- WHAT NEEDS TO BE DONE: What lines in this listing contain the string "CompositionType"? Report each one by copying it.

- DATA FOR THIS EXERCISE:
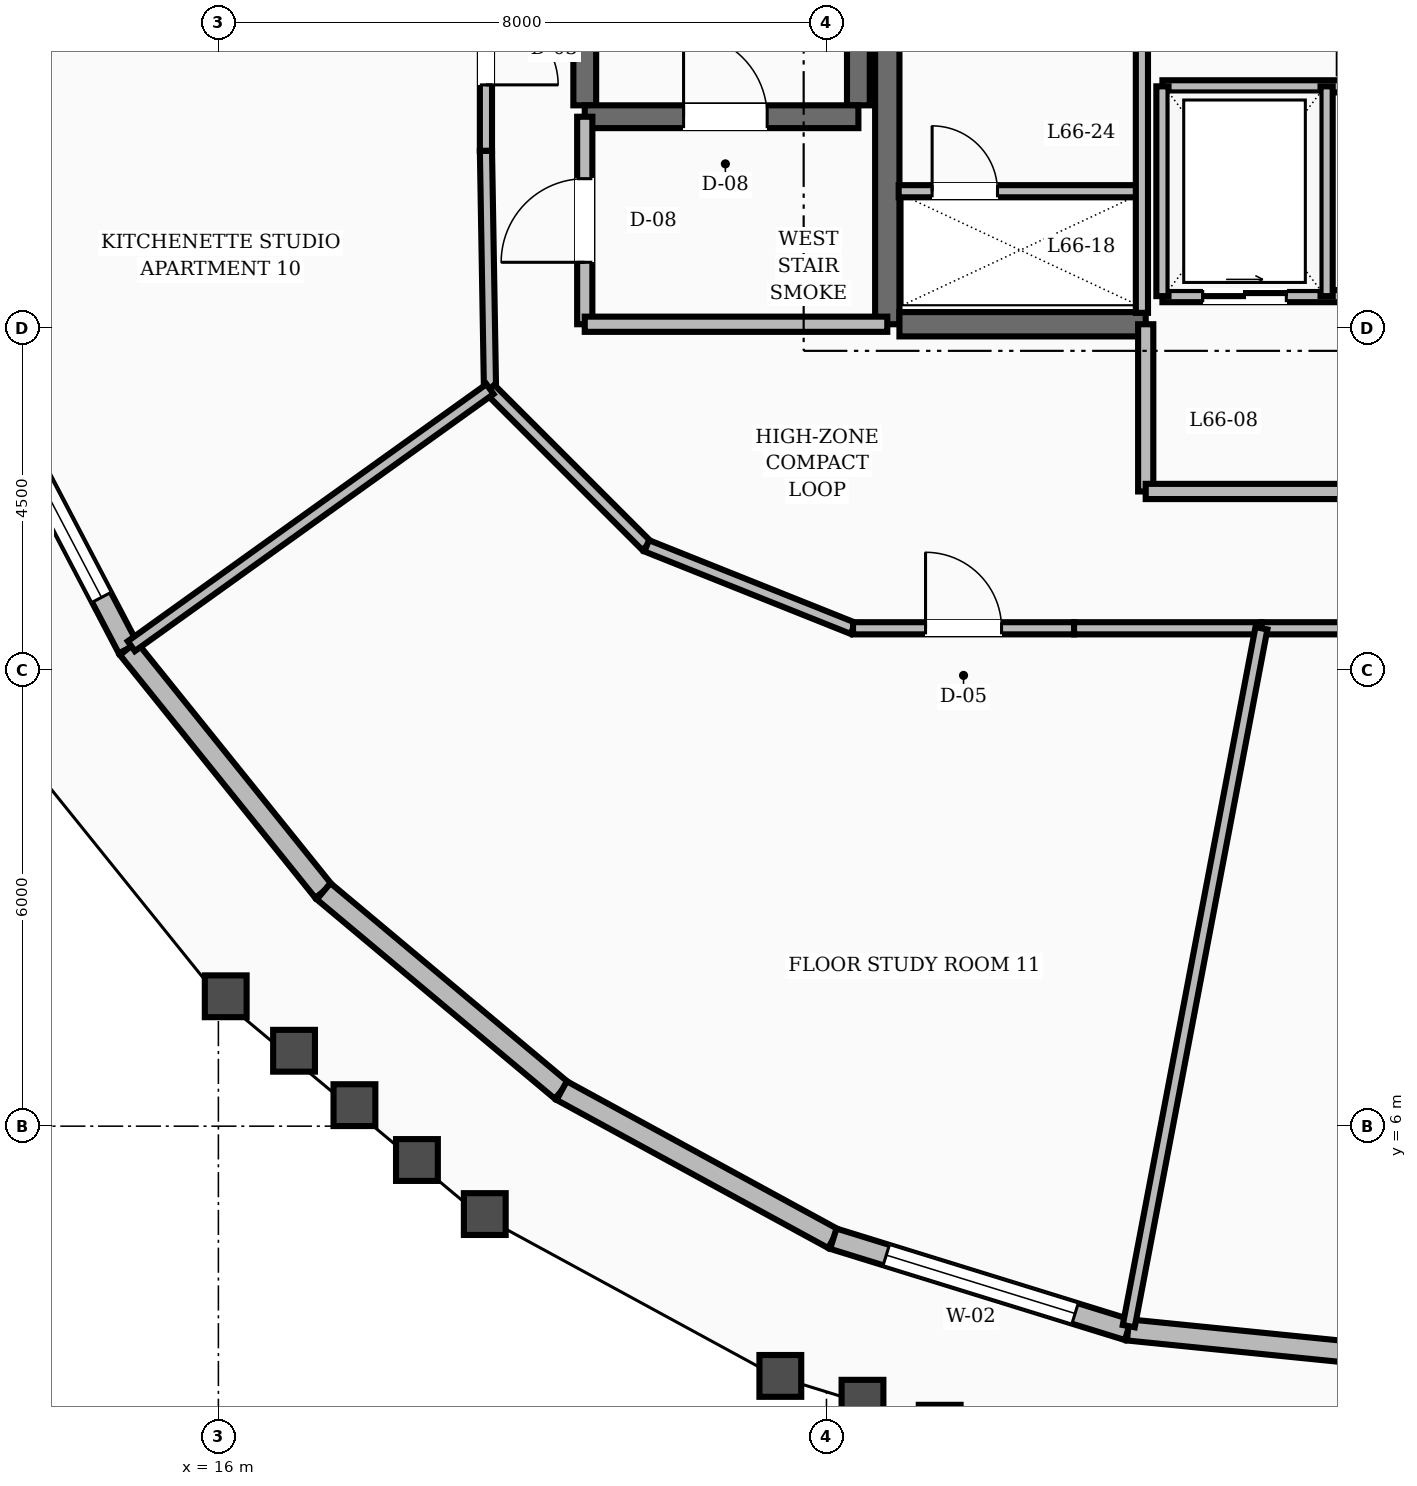
"""IFC4 building model, lengths in metres.
Left out: names, types, materials, properties, quantities, classifications, styles, units other than length and angle.
Written with IfcOpenShell. Run it as: python <this file> out.ifc"""

import sys

from ifc_helpers import new_model, si_unit, direction, frame, frame_2d, origin, place, context, subcontext, project, spatial, rectangle, extrude, element, fill, save


model = new_model("IFC4")
c1 = context("Model", 3, precision=1e-05, world=origin(), true_north=direction((0.0, 1.0)))
c2 = subcontext(c1, "Body", "Model", "MODEL_VIEW")
j1 = project(units=[si_unit("LENGTHUNIT", "METRE"), si_unit("PLANEANGLEUNIT", "RADIAN")], contexts=[c1])
p1 = place(None, origin())
s1 = spatial("IfcSite", under=j1, at=p1, CompositionType="ELEMENT")
p2 = place(p1, origin())
s2 = spatial("IfcBuilding", under=s1, at=p2, CompositionType="ELEMENT")
p3 = place(p2, frame((0.0, 0.0, 254.4)))
s3 = spatial("IfcBuildingStorey", under=s2, at=p3, CompositionType="ELEMENT", Elevation=254.4)
p4 = place(p3, frame((24.8, 16.55, 0.0), z_axis=(0.0, 0.0, 1.0), x_axis=(0.0, 1.0, 0.0)))
e1 = element("IfcWall", 1, at=p4, inside=s3, PredefinedType="SHEAR", context=c2, shape_type="SweptSolid", body=[
    extrude(rectangle(XDim=6.3, YDim=0.32, at=frame_2d((3.15, 0.0))), origin(), (0.0, 0.0, 1.0), 3.6),
])
p5 = place(p3, frame((24.96, 16.55, 0.0), z_axis=(0.0, 0.0, 1.0), x_axis=(1.0, 0.0, 0.0)))
e2 = element("IfcWall", 2, at=p5, inside=s3, PredefinedType="SHEAR", context=c2, shape_type="SweptSolid", body=[
    extrude(rectangle(XDim=3.24, YDim=0.32, at=frame_2d((1.62, 0.0))), origin(), (0.0, 0.0, 1.0), 3.6),
])
for number, where, z_axis, x_axis in (
    (3, (20.82, 19.43, 0.0), (0.0, 0.0, 1.0), (0.0, 1.0, 0.0)),
    (4, (24.42, 19.43, 0.0), (0.0, 0.0, 1.0), (0.0, 1.0, 0.0)),
):
    element("IfcWall", number, at=place(p3, frame(where, z_axis=z_axis, x_axis=x_axis)), inside=s3, PredefinedType="SHEAR", context=c2, shape_type="SweptSolid", body=[
        extrude(rectangle(XDim=8.74, YDim=0.3, at=frame_2d((4.37, 0.0))), origin(), (0.0, 0.0, 1.0), 3.6),
    ])
p6 = place(p3, frame((20.82, 19.28, 0.0), z_axis=(0.0, 0.0, 1.0), x_axis=(1.0, 0.0, 0.0)))
e5 = element("IfcWall", 5, at=p6, inside=s3, PredefinedType="SHEAR", context=c2, shape_type="SweptSolid", body=[
    extrude(rectangle(XDim=3.6, YDim=0.3, at=frame_2d((1.8, 0.0))), origin(), (0.0, 0.0, 1.0), 3.6),
])
p7 = place(p6, frame((1.3, 0.0, 0.0)))
e6 = element("IfcOpeningElement", 6, at=p7, cuts=e5, PredefinedType="OPENING", context=c2, shape_type="SweptSolid", body=[
    extrude(rectangle(XDim=1.1, YDim=2.1, at=frame_2d((0.55, 1.05))), frame((0.0, 0.16, 0.0), z_axis=(0.0, -1.0, 0.0), x_axis=(1.0, 0.0, 0.0)), (0.0, 0.0, 1.0), 0.32),
])
p8 = place(p3, frame((12.904, 15.931, 0.0), z_axis=(0.0, 0.0, 1.0), x_axis=(0.46412225373, -0.88577115193, 0.0)))
e7 = element("IfcWall", 7, at=p8, inside=s3, PredefinedType="STANDARD", context=c2, shape_type="SweptSolid", body=[
    extrude(rectangle(XDim=4.116, YDim=0.28, at=frame_2d((2.058, 0.0))), origin(), (0.0, 0.0, 1.0), 2.88),
])
p9 = place(p8, frame((0.758, 0.0, 0.8)))
e8 = element("IfcOpeningElement", 8, at=p9, cuts=e7, PredefinedType="OPENING", context=c2, shape_type="SweptSolid", body=[
    extrude(rectangle(XDim=2.6, YDim=1.65, at=frame_2d((1.3, 0.825))), frame((0.0, 0.15, 0.0), z_axis=(0.0, -1.0, 0.0), x_axis=(1.0, 0.0, 0.0)), (0.0, 0.0, 1.0), 0.3),
])
p10 = place(p3, frame((14.814, 12.285, 0.0), z_axis=(0.0, 0.0, 1.0), x_axis=(0.626849011523, -0.779140755418, 0.0)))
e9 = element("IfcWall", 9, at=p10, inside=s3, PredefinedType="STANDARD", context=c2, shape_type="SweptSolid", body=[
    extrude(rectangle(XDim=4.101, YDim=0.28, at=frame_2d((2.05, 0.0))), origin(), (0.0, 0.0, 1.0), 2.88),
])
p11 = place(p3, frame((17.385, 9.09, 0.0), z_axis=(0.0, 0.0, 1.0), x_axis=(0.766744674331, -0.64195218232, 0.0)))
e10 = element("IfcWall", 10, at=p11, inside=s3, PredefinedType="STANDARD", context=c2, shape_type="SweptSolid", body=[
    extrude(rectangle(XDim=4.085, YDim=0.28, at=frame_2d((2.042, 0.0))), origin(), (0.0, 0.0, 1.0), 2.88),
])
p12 = place(p3, frame((20.517, 6.468, 0.0), z_axis=(0.0, 0.0, 1.0), x_axis=(0.877966625542, -0.478721844534, 0.0)))
e11 = element("IfcWall", 11, at=p12, inside=s3, PredefinedType="STANDARD", context=c2, shape_type="SweptSolid", body=[
    extrude(rectangle(XDim=4.07, YDim=0.28, at=frame_2d((2.035, 0.0))), origin(), (0.0, 0.0, 1.0), 2.88),
])
p13 = place(p3, frame((24.09, 4.52, 0.0), z_axis=(0.0, 0.0, 1.0), x_axis=(0.955300452464, -0.295636678243, 0.0)))
e12 = element("IfcWall", 12, at=p13, inside=s3, PredefinedType="STANDARD", context=c2, shape_type="SweptSolid", body=[
    extrude(rectangle(XDim=4.059, YDim=0.28, at=frame_2d((2.029, 0.0))), origin(), (0.0, 0.0, 1.0), 2.88),
])
p14 = place(p13, frame((0.729, 0.0, 0.8)))
e13 = element("IfcOpeningElement", 13, at=p14, cuts=e12, PredefinedType="OPENING", context=c2, shape_type="SweptSolid", body=[
    extrude(rectangle(XDim=2.6, YDim=1.65, at=frame_2d((1.3, 0.825))), frame((0.0, 0.15, 0.0), z_axis=(0.0, -1.0, 0.0), x_axis=(1.0, 0.0, 0.0)), (0.0, 0.0, 1.0), 0.3),
])
p15 = place(p3, frame((27.968, 3.32, 0.0), z_axis=(0.0, 0.0, 1.0), x_axis=(0.994993554733, -0.099939111661, 0.0)))
e14 = element("IfcWall", 14, at=p15, inside=s3, PredefinedType="STANDARD", context=c2, shape_type="SweptSolid", body=[
    extrude(rectangle(XDim=4.053, YDim=0.28, at=frame_2d((2.026, 0.0))), origin(), (0.0, 0.0, 1.0), 2.88),
])
p16 = place(p3, frame((20.82, 16.55, 0.0), z_axis=(0.0, 0.0, 1.0), x_axis=(0.0, 1.0, 0.0)))
e15 = element("IfcWall", 15, at=p16, inside=s3, PredefinedType="SOLIDWALL", context=c2, shape_type="SweptSolid", body=[
    extrude(rectangle(XDim=2.73, YDim=0.2, at=frame_2d((1.365, 0.0))), origin(), (0.0, 0.0, 1.0), 2.87),
])
p17 = place(p16, frame((0.815, 0.0, 0.0)))
e16 = element("IfcOpeningElement", 16, at=p17, cuts=e15, PredefinedType="OPENING", context=c2, shape_type="SweptSolid", body=[
    extrude(rectangle(XDim=1.1, YDim=2.1, at=frame_2d((0.55, 1.05))), frame((0.0, 0.11, 0.0), z_axis=(0.0, -1.0, 0.0), x_axis=(1.0, 0.0, 0.0)), (0.0, 0.0, 1.0), 0.22),
])
p18 = place(p3, frame((20.82, 16.55, 0.0), z_axis=(0.0, 0.0, 1.0), x_axis=(1.0, 0.0, 0.0)))
e17 = element("IfcWall", 17, at=p18, inside=s3, PredefinedType="SOLIDWALL", context=c2, shape_type="SweptSolid", body=[
    extrude(rectangle(XDim=3.98, YDim=0.2, at=frame_2d((1.99, 0.0))), origin(), (0.0, 0.0, 1.0), 2.87),
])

- EXERCISE ANSWER:
s1 = spatial("IfcSite", under=j1, at=p1, CompositionType="ELEMENT")
s2 = spatial("IfcBuilding", under=s1, at=p2, CompositionType="ELEMENT")
s3 = spatial("IfcBuildingStorey", under=s2, at=p3, CompositionType="ELEMENT", Elevation=254.4)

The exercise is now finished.